YOUR TASK
Please transcribe the data below in full. Omit any picture you find in it.

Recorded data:
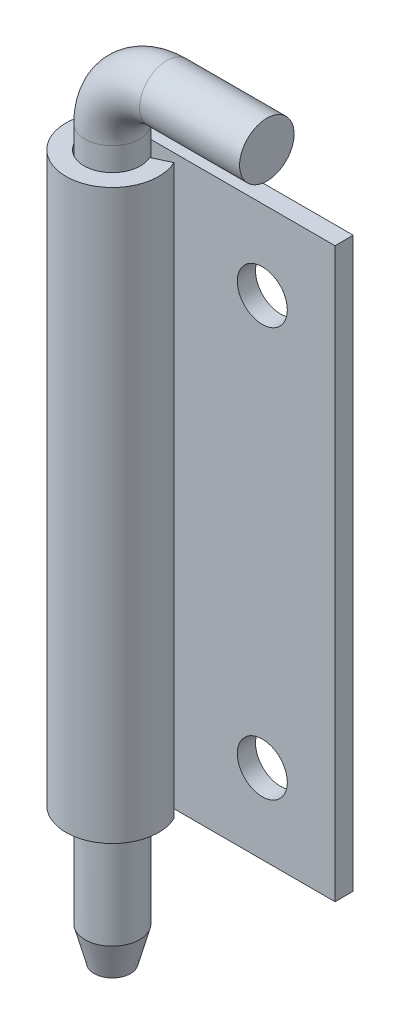
SolidWorks part; units mm, degrees
ref_plane "前视" through (0, 0, 0) normal (0, 0, 1) x (1, 0, 0)
ref_plane "上视" through (0, 0, 0) normal (0, 1, 0) x (1, 0, 0)
ref_plane "右视" through (0, 0, 0) normal (1, 0, 0) x (0, 0, -1)
sketch "草图1" plane through (0, 0, 0) normal (0, 0, 1) x (1, 0, 0)
  line L0 (0, 0) -> (0, 80)
  line L1 (6, 86) -> (17, 86)
  arc A0 (0, 80) -> (6, 86) centre (6, 80) cw
  point P6 (0, 86)
  dimension "D3" = 6
  dimension "D1" = 17
  dimension "D2" = 86
sketch "草图2" plane through (0, 0, 0) normal (0, 1, 0) x (1, 0, 0)
  circle A0 centre (0, 0) radius 3
  dimension "D1" = 6
sweep "扫描1" add profiles "草图2" path "草图1"
ref_plane "基准面1" through (0, 15, 0) normal (0, -1, 0) x (-1, 0, 0)
sketch "草图3" plane through (0, 15, 0) normal (0, -1, 0) x (-1, 0, 0)
  line L0 (0, 3.1) -> (-21.4, 3.1)
  line L1 (0, 5.1) -> (-21.4, 5.1)
  line L2 (0, 0) -> (0, 2.8615) construction
  line L3 (0, 0) -> (-4.3836, 2.0441) construction
  line L4 (-2.8096, 1.3101) -> (-4.6222, 2.1554)
  line L5 (-21.4, 3.1) -> (-21.4, 5.1)
  arc A0 (-2.8096, 1.3101) -> (0, 3.1) centre (0, 0) ccw
  arc A1 (-4.6222, 2.1554) -> (0, 5.1) centre (0, 0) ccw
  arc A3 (-1.7443, 4.7924) -> (0, 5.1) centre (0, 0) ccw construction
  arc A4 (-1.0603, 2.913) -> (0, 3.1) centre (0, 0) ccw construction
  dimension "D1" = 6.2
  dimension "D2" = 21.4
  dimension "D3" = 2
  dimension "D4" = 65
extrude "凸台-拉伸1" add sketch "草图3" against normal blind 62.5
sketch "草图5" plane through (0, 0, -3.1) normal (0, 0, 1) x (1, 0, 0)
  line L0 (21.4, 77.5) -> (21.4, 15) construction
  line L1 (21.4, 46.25) -> (-13.6129, 46.25) construction
  circle A0 centre (13.4, 23.75) radius 2.75
  circle A1 centre (13.4, 68.75) radius 2.75
  dimension "D1" = 8
  dimension "D2" = 45
  dimension "D3" = 5.5
extrude "切除-拉伸2" cut sketch "草图5" against normal through all
chamfer "倒角1" distance 1 angle 75 1 edges at (0, 0, 3)
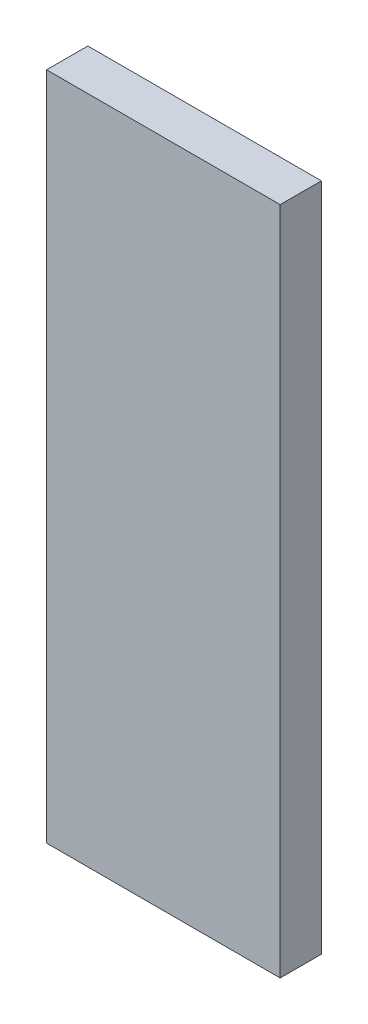
from build123d import *

# Parameters (mm, degrees)
SKETCH1_W           = 68
SKETCH1_H           = 195
BOSS_EXTRUDE1_DEPTH = 12


with BuildPart() as part:
    # Sketch1 → Boss-Extrude1 (new body)
    with BuildSketch(Plane.XY):
        with Locations((34, 97.5)):
            Rectangle(SKETCH1_W, SKETCH1_H)
    extrude(amount=BOSS_EXTRUDE1_DEPTH)


solid = part.part
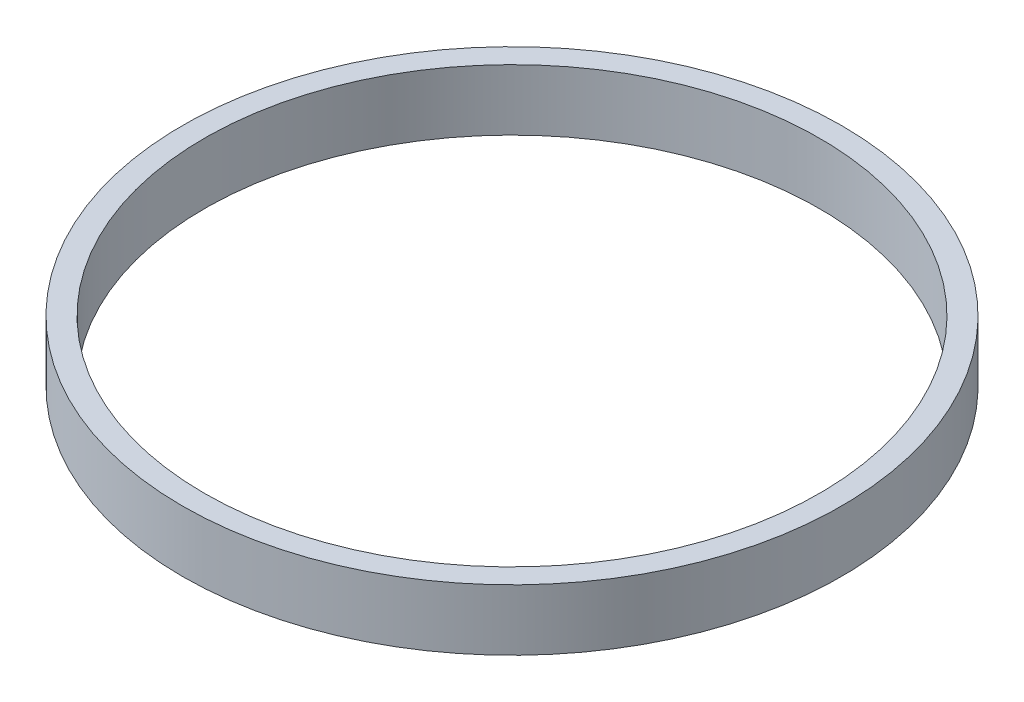
from build123d import *

# Parameters (mm, degrees)
SKETCH1_R           = 13.5
SKETCH1_R_2         = 12.6
BOSS_EXTRUDE1_DEPTH = 2.5


with BuildPart() as part:
    # Sketch1 → Boss-Extrude1 (new body)
    with BuildSketch(Plane(origin=(0, 0, 0), x_dir=(1, 0, 0), z_dir=(0, 1, 0))):
        with Locations(Location((0, 0, 0), (0, 0, 270))):
            Circle(SKETCH1_R)
        with Locations(Location((0, 0, 0), (0, 0, 270))):
            Circle(SKETCH1_R_2, mode=Mode.SUBTRACT)
    extrude(amount=BOSS_EXTRUDE1_DEPTH)


solid = part.part

FINISHED TASK
SolidWorks part; units mm, degrees
ref_plane "前视" through (0, 0, 0) normal (0, 0, 1) x (1, 0, 0)
ref_plane "上视" through (0, 0, 0) normal (0, 1, 0) x (1, 0, 0)
ref_plane "右视" through (0, 0, 0) normal (1, 0, 0) x (0, 0, -1)
sketch "草图1" plane through (0, 0, 0) normal (0, 0, 1) x (1, 0, 0)
  line L0 (0, 0) -> (0, 80)
  line L1 (6, 86) -> (17, 86)
  arc A0 (0, 80) -> (6, 86) centre (6, 80) cw
  point P6 (0, 86)
  dimension "D3" = 6
  dimension "D1" = 17
  dimension "D2" = 86
sketch "草图2" plane through (0, 0, 0) normal (0, 1, 0) x (1, 0, 0)
  circle A0 centre (0, 0) radius 3
  dimension "D1" = 6
sweep "扫描1" add profiles "草图2" path "草图1"
ref_plane "基准面1" through (0, 15, 0) normal (0, -1, 0) x (-1, 0, 0)
sketch "草图3" plane through (0, 15, 0) normal (0, -1, 0) x (-1, 0, 0)
  line L0 (0, 3.1) -> (-21.4, 3.1)
  line L1 (0, 5.1) -> (-21.4, 5.1)
  line L2 (0, 0) -> (0, 2.8615) construction
  line L3 (0, 0) -> (-4.3836, 2.0441) construction
  line L4 (-2.8096, 1.3101) -> (-4.6222, 2.1554)
  line L5 (-21.4, 3.1) -> (-21.4, 5.1)
  arc A0 (-2.8096, 1.3101) -> (0, 3.1) centre (0, 0) ccw
  arc A1 (-4.6222, 2.1554) -> (0, 5.1) centre (0, 0) ccw
  arc A3 (-1.7443, 4.7924) -> (0, 5.1) centre (0, 0) ccw construction
  arc A4 (-1.0603, 2.913) -> (0, 3.1) centre (0, 0) ccw construction
  dimension "D1" = 6.2
  dimension "D2" = 21.4
  dimension "D3" = 2
  dimension "D4" = 65
extrude "凸台-拉伸1" add sketch "草图3" against normal blind 62.5
sketch "草图5" plane through (0, 0, -3.1) normal (0, 0, 1) x (1, 0, 0)
  line L0 (21.4, 77.5) -> (21.4, 15) construction
  line L1 (21.4, 46.25) -> (-13.6129, 46.25) construction
  circle A0 centre (13.4, 23.75) radius 2.75
  circle A1 centre (13.4, 68.75) radius 2.75
  dimension "D1" = 8
  dimension "D2" = 45
  dimension "D3" = 5.5
extrude "切除-拉伸2" cut sketch "草图5" against normal through all
chamfer "倒角1" distance 1 angle 75 1 edges at (0, 0, 3)
from build123d import *

# Parameters (mm, degrees)
SKETCH1_W           = 68
SKETCH1_H           = 195
BOSS_EXTRUDE1_DEPTH = 12


with BuildPart() as part:
    # Sketch1 → Boss-Extrude1 (new body)
    with BuildSketch(Plane.XY):
        with Locations((34, 97.5)):
            Rectangle(SKETCH1_W, SKETCH1_H)
    extrude(amount=BOSS_EXTRUDE1_DEPTH)


solid = part.part
from build123d import *

# Parameters (mm, degrees)
SKETCH1_R           = 13.5
SKETCH1_R_2         = 12.6
BOSS_EXTRUDE1_DEPTH = 2.5


with BuildPart() as part:
    # Sketch1 → Boss-Extrude1 (new body)
    with BuildSketch(Plane(origin=(0, 0, 0), x_dir=(1, 0, 0), z_dir=(0, 1, 0))):
        with Locations(Location((0, 0, 0), (0, 0, 270))):
            Circle(SKETCH1_R)
        with Locations(Location((0, 0, 0), (0, 0, 270))):
            Circle(SKETCH1_R_2, mode=Mode.SUBTRACT)
    extrude(amount=BOSS_EXTRUDE1_DEPTH)


solid = part.part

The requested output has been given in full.